::: DATA FOR THIS EXERCISE

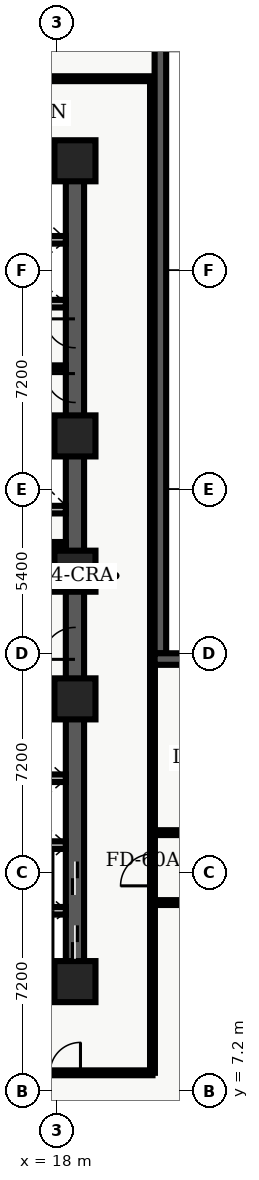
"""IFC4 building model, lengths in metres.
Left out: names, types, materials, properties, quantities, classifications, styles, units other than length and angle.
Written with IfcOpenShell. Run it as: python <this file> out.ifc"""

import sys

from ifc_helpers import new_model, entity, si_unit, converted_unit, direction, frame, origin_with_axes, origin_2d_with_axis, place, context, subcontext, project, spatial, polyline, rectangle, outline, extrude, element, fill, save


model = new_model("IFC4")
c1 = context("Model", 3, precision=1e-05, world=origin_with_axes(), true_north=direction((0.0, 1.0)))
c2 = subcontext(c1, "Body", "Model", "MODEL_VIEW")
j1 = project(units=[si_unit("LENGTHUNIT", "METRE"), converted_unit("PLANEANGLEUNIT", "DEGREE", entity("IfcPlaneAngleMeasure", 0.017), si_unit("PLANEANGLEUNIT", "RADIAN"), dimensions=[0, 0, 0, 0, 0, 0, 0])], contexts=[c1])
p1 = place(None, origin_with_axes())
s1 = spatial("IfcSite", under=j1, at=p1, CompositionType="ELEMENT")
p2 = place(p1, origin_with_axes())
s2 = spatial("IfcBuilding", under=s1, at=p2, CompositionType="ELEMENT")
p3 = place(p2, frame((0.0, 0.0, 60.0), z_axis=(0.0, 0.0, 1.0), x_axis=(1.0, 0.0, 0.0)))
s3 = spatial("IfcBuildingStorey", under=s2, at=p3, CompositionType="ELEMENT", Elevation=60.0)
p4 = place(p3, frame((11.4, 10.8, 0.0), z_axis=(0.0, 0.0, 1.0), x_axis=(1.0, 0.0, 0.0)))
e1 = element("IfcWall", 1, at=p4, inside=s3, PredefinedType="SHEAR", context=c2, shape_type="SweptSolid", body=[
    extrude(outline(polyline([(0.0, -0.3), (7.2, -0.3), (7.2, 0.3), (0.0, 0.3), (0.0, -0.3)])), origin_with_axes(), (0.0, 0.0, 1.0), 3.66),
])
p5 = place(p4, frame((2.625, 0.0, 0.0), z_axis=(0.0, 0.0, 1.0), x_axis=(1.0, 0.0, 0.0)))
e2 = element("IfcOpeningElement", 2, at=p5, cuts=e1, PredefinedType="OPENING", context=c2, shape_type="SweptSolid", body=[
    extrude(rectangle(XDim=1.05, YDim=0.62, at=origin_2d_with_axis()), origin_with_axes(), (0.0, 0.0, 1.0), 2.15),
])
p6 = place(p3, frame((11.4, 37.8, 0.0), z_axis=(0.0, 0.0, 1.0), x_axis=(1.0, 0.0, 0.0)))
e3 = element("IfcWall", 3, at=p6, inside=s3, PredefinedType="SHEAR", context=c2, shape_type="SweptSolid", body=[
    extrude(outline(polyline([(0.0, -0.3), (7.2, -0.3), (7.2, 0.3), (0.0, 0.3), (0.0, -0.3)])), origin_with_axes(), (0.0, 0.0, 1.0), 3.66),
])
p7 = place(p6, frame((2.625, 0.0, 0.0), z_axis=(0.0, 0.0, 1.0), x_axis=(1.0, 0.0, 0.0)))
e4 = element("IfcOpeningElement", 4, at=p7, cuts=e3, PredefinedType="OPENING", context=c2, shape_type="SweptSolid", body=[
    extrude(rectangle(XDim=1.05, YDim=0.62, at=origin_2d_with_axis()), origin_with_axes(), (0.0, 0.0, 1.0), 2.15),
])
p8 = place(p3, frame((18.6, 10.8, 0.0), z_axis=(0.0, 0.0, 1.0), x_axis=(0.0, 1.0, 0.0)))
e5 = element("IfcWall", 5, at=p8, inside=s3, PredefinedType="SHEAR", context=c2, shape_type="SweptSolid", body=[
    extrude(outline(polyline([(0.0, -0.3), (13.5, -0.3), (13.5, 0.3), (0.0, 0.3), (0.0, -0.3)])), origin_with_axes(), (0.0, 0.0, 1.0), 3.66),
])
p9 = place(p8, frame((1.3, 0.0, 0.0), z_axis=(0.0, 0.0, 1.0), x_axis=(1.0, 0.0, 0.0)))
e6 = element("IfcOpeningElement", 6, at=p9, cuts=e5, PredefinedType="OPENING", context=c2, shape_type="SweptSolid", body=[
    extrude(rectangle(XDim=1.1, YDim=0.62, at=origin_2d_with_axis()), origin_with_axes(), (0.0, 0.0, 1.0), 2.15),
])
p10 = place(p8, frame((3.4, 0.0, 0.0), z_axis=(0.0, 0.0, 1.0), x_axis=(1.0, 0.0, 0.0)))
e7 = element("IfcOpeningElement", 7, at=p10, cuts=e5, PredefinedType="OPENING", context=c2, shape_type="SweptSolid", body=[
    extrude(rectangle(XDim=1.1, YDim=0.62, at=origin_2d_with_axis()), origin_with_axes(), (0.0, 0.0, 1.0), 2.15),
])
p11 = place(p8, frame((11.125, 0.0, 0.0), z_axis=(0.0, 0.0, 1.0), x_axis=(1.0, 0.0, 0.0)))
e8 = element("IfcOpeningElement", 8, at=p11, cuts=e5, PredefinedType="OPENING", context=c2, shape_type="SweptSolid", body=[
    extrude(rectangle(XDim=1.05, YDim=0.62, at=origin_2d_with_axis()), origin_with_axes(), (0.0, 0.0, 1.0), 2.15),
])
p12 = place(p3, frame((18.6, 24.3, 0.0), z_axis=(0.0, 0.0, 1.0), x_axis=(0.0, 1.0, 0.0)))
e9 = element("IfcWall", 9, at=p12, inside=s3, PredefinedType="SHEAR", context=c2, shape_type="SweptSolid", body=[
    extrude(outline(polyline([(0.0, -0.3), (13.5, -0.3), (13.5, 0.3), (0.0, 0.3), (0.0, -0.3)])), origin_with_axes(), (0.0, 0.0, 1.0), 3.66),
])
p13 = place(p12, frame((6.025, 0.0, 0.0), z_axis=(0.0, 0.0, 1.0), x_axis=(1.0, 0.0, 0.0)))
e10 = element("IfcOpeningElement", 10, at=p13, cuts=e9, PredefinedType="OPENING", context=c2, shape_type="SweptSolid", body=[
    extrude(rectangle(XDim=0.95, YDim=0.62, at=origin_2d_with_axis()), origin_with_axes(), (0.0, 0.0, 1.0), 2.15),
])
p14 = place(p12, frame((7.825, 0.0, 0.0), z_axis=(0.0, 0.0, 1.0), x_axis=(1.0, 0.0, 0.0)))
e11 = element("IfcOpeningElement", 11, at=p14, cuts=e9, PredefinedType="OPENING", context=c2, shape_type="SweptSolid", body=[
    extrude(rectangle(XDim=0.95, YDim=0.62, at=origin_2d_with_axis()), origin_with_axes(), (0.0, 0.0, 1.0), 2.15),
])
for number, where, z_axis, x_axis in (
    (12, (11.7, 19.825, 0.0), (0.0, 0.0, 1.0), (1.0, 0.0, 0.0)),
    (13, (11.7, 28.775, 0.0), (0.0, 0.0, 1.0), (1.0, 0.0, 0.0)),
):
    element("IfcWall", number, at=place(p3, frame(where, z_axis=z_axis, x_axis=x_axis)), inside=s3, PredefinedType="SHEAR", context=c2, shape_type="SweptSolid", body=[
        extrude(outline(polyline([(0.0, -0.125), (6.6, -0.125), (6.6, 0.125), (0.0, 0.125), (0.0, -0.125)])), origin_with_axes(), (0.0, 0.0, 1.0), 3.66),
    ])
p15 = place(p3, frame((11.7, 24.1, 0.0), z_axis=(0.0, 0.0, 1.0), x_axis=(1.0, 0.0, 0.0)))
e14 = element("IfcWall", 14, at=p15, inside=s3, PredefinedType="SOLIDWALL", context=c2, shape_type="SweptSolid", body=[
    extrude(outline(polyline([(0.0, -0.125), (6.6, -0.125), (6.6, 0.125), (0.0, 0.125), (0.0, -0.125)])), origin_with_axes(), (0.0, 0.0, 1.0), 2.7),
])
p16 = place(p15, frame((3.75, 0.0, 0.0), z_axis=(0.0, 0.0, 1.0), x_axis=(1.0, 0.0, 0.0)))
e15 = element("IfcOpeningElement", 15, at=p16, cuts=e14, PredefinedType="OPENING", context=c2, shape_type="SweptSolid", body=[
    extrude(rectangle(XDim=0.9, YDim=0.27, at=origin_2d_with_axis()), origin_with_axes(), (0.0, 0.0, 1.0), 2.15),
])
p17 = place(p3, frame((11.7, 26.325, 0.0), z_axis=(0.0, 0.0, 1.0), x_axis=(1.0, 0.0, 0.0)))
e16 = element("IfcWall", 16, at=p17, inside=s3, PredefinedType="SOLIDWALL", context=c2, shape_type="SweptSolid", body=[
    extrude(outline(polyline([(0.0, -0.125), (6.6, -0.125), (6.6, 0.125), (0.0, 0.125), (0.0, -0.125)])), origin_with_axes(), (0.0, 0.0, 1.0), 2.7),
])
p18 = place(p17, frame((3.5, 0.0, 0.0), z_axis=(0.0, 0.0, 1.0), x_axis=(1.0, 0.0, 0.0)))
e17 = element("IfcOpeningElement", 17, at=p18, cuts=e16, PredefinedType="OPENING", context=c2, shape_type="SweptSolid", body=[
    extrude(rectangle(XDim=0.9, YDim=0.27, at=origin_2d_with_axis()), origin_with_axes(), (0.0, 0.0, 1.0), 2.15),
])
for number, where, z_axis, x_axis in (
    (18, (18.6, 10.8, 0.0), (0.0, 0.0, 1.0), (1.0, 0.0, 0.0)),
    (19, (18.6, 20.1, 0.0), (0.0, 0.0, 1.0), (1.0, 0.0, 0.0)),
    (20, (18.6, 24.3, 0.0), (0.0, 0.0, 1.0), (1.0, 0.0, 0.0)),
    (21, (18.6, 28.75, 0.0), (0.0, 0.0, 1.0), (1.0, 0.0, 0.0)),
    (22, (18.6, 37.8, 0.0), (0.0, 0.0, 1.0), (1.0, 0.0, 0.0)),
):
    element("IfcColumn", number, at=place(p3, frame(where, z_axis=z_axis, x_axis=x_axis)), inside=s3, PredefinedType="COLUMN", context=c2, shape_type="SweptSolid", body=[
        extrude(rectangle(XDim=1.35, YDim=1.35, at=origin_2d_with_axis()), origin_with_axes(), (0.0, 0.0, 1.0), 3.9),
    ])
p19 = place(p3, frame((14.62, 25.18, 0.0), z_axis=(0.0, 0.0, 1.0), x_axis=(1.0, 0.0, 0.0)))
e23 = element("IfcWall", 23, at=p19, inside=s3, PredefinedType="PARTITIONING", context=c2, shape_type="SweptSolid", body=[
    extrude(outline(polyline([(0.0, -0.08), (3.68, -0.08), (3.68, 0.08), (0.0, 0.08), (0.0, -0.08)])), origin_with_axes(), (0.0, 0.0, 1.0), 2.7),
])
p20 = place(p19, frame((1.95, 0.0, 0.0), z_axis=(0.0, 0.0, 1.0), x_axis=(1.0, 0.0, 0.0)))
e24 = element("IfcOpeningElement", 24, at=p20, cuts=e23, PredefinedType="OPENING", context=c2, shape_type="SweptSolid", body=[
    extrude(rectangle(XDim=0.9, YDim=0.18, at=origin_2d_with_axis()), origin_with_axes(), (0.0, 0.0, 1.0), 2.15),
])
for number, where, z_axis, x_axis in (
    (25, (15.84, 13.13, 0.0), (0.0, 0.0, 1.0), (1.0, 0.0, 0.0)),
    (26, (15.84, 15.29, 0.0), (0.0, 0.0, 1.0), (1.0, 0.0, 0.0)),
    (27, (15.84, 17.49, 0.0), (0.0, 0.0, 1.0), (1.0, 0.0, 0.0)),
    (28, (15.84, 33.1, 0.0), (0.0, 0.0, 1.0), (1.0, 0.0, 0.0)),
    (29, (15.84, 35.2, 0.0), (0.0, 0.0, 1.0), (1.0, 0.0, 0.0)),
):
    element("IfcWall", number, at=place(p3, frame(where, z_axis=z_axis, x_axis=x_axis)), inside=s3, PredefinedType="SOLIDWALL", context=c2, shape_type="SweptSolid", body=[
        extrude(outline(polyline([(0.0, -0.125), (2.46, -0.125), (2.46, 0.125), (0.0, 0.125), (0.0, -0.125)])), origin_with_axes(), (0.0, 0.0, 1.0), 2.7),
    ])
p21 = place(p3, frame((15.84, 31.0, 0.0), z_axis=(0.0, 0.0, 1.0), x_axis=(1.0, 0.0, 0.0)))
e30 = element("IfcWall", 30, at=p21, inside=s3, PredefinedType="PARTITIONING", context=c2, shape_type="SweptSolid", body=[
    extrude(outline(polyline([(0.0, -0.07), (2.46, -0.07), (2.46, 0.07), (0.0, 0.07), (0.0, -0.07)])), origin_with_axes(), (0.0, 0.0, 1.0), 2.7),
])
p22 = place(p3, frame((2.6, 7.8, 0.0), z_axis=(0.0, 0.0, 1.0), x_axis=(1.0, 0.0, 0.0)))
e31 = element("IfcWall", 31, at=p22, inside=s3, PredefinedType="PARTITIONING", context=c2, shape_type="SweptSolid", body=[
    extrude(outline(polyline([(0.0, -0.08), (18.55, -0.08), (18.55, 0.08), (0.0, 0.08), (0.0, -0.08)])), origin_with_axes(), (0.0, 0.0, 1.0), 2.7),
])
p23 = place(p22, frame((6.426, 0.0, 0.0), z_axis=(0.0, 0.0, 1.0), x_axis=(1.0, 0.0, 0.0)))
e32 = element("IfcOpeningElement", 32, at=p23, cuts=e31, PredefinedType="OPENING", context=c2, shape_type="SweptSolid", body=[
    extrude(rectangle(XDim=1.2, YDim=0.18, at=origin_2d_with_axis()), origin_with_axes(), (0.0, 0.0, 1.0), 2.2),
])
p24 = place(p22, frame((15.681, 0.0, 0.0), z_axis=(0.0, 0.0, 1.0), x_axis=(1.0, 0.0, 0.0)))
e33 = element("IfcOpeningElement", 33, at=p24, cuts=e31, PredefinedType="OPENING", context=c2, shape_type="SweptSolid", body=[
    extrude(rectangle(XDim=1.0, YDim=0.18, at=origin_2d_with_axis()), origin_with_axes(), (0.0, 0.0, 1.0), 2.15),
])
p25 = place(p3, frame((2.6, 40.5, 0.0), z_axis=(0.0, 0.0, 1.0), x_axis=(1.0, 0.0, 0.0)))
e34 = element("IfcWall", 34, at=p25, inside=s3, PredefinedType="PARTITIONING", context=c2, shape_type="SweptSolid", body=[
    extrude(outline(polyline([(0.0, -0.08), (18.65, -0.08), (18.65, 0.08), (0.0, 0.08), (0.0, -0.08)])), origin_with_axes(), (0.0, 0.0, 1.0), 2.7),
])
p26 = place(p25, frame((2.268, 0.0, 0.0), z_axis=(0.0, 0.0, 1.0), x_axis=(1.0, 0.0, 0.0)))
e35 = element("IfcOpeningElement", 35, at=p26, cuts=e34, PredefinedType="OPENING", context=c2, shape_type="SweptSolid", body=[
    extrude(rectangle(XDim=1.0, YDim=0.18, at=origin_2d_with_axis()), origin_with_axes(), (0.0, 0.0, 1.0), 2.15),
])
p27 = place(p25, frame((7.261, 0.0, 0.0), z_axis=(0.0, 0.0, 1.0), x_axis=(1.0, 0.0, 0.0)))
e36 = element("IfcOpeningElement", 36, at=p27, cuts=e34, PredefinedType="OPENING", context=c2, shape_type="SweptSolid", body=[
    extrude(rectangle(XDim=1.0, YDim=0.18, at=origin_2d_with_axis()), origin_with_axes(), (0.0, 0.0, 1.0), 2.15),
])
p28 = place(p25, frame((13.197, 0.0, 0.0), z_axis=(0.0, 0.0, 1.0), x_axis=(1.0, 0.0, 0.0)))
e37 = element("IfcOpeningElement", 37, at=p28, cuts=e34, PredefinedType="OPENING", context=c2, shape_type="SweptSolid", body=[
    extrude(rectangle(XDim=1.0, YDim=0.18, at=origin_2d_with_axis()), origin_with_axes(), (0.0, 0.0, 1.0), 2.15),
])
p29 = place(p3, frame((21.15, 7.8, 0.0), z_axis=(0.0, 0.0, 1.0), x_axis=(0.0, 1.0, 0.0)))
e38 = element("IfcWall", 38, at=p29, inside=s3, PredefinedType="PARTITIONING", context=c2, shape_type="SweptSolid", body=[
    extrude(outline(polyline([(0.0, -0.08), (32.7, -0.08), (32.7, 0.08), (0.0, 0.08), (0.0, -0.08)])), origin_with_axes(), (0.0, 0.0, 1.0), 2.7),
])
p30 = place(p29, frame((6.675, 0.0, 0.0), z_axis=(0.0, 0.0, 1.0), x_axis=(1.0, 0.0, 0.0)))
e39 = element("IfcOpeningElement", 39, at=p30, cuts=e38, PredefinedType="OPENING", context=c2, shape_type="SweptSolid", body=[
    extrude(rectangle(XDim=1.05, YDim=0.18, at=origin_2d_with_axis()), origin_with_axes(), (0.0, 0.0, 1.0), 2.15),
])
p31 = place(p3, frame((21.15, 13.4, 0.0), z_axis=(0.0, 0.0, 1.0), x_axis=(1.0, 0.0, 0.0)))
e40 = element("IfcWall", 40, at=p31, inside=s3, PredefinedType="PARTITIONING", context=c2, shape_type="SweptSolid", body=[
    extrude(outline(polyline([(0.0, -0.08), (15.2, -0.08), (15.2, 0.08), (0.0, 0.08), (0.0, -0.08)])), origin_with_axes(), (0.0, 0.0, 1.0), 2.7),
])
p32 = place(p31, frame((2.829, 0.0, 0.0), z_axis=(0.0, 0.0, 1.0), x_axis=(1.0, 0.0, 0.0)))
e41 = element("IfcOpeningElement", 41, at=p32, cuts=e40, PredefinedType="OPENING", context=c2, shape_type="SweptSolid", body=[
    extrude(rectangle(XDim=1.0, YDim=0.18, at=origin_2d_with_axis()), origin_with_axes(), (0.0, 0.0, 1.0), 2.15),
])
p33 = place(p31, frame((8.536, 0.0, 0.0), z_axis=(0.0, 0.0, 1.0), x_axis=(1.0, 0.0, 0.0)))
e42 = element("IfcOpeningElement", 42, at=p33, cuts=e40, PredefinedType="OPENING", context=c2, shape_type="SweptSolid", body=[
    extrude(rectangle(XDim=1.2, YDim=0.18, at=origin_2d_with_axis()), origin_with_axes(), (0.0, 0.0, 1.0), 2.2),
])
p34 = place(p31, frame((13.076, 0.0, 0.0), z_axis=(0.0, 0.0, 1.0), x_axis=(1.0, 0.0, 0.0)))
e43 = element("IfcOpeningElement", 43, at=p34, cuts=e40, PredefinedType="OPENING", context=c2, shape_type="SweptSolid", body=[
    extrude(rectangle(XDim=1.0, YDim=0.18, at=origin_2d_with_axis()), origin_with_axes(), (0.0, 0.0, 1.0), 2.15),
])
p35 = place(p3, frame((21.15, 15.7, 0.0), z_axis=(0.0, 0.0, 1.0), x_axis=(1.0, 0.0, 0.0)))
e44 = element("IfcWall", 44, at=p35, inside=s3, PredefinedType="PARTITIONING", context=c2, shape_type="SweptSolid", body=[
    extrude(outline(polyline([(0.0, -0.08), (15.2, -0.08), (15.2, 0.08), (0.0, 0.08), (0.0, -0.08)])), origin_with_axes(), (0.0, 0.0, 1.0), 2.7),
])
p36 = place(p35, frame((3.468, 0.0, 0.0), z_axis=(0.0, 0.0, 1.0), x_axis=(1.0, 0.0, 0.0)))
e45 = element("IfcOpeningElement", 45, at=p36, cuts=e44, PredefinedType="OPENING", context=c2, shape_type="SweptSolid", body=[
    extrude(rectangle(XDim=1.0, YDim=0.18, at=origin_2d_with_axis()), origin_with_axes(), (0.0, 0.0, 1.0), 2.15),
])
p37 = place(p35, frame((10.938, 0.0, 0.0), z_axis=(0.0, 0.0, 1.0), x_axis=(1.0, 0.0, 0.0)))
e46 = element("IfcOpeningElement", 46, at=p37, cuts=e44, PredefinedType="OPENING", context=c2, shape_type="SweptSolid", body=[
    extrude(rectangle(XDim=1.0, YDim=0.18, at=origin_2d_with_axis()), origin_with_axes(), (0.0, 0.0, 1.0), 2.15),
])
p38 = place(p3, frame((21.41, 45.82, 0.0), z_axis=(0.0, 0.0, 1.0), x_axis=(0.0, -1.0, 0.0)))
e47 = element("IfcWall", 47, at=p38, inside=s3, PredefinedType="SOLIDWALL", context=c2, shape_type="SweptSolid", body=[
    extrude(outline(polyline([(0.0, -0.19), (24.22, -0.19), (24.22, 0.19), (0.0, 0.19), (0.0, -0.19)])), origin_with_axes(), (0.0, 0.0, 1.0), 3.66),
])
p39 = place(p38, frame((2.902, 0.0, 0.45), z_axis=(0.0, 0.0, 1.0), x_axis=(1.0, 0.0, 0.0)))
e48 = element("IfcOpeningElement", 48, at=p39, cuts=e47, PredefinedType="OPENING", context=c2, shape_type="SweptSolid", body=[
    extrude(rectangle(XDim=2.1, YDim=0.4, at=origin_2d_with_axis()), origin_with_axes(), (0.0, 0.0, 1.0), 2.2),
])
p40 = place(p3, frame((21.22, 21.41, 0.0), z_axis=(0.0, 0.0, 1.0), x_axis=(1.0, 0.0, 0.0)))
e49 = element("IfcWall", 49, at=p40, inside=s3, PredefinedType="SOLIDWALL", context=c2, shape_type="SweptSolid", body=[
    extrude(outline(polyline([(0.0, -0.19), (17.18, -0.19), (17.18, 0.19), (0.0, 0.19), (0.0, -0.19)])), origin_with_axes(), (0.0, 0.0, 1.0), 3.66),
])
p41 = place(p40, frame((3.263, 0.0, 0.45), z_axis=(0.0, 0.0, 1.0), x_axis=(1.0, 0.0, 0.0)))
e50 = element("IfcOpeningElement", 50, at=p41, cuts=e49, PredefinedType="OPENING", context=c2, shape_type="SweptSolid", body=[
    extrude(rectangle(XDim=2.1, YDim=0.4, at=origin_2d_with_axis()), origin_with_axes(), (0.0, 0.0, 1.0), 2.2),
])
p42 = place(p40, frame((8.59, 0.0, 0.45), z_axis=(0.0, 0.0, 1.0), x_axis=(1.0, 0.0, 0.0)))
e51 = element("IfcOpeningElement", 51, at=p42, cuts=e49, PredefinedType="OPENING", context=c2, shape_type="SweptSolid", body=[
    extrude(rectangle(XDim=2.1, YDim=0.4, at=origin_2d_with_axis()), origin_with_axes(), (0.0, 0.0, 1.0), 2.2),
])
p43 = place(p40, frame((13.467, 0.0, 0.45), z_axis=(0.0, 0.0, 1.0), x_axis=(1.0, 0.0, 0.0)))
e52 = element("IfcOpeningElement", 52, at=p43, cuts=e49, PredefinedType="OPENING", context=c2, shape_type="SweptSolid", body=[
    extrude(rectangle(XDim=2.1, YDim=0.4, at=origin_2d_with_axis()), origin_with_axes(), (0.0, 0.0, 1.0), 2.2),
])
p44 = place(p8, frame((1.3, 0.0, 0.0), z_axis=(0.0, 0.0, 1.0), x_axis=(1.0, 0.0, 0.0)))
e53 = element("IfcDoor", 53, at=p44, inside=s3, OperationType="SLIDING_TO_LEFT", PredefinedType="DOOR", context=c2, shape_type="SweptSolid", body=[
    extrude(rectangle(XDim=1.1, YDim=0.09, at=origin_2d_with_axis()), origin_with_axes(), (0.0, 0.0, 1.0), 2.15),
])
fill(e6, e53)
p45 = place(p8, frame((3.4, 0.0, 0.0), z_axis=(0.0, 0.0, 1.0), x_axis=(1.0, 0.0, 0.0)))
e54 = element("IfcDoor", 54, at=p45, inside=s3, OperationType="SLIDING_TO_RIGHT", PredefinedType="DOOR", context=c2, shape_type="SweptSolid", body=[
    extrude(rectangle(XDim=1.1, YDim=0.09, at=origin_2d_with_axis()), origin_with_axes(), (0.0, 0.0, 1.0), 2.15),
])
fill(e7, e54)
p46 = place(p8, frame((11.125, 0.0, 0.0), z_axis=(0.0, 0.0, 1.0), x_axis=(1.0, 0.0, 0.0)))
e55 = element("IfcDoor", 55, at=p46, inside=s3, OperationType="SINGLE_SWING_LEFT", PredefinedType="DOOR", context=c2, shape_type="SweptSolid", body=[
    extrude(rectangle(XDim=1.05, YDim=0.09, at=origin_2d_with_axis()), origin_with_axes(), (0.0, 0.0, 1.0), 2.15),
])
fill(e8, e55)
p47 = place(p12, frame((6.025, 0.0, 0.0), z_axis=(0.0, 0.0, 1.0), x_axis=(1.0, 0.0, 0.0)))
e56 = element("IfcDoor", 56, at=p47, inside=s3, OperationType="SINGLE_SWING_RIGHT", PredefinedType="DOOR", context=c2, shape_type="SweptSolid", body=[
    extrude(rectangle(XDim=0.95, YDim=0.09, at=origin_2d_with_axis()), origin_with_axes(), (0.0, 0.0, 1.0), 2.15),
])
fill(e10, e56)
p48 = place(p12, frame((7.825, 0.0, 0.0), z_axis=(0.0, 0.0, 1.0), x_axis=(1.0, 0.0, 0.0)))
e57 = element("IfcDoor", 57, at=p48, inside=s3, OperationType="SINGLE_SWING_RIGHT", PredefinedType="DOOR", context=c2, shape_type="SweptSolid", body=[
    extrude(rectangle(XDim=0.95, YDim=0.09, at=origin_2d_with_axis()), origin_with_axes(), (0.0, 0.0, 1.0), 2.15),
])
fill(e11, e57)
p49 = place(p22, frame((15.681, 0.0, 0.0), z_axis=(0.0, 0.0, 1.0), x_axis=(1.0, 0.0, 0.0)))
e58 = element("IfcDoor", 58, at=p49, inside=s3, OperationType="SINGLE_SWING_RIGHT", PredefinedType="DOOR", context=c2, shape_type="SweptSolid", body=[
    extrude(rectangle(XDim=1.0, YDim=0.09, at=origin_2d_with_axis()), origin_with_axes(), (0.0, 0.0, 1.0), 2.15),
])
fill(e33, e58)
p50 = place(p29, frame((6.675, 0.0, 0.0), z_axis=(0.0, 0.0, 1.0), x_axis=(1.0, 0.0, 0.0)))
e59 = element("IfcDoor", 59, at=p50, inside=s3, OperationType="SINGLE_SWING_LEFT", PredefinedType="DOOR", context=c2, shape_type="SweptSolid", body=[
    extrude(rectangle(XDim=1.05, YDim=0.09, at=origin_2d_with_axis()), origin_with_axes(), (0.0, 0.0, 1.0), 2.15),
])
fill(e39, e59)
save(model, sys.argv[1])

::::::

WHAT YOU NEED TO DO — Working through the records above, copy each line in which "CompositionType" is found.

SOLUTION TO THE PROBLEM —
s1 = spatial("IfcSite", under=j1, at=p1, CompositionType="ELEMENT")
s2 = spatial("IfcBuilding", under=s1, at=p2, CompositionType="ELEMENT")
s3 = spatial("IfcBuildingStorey", under=s2, at=p3, CompositionType="ELEMENT", Elevation=60.0)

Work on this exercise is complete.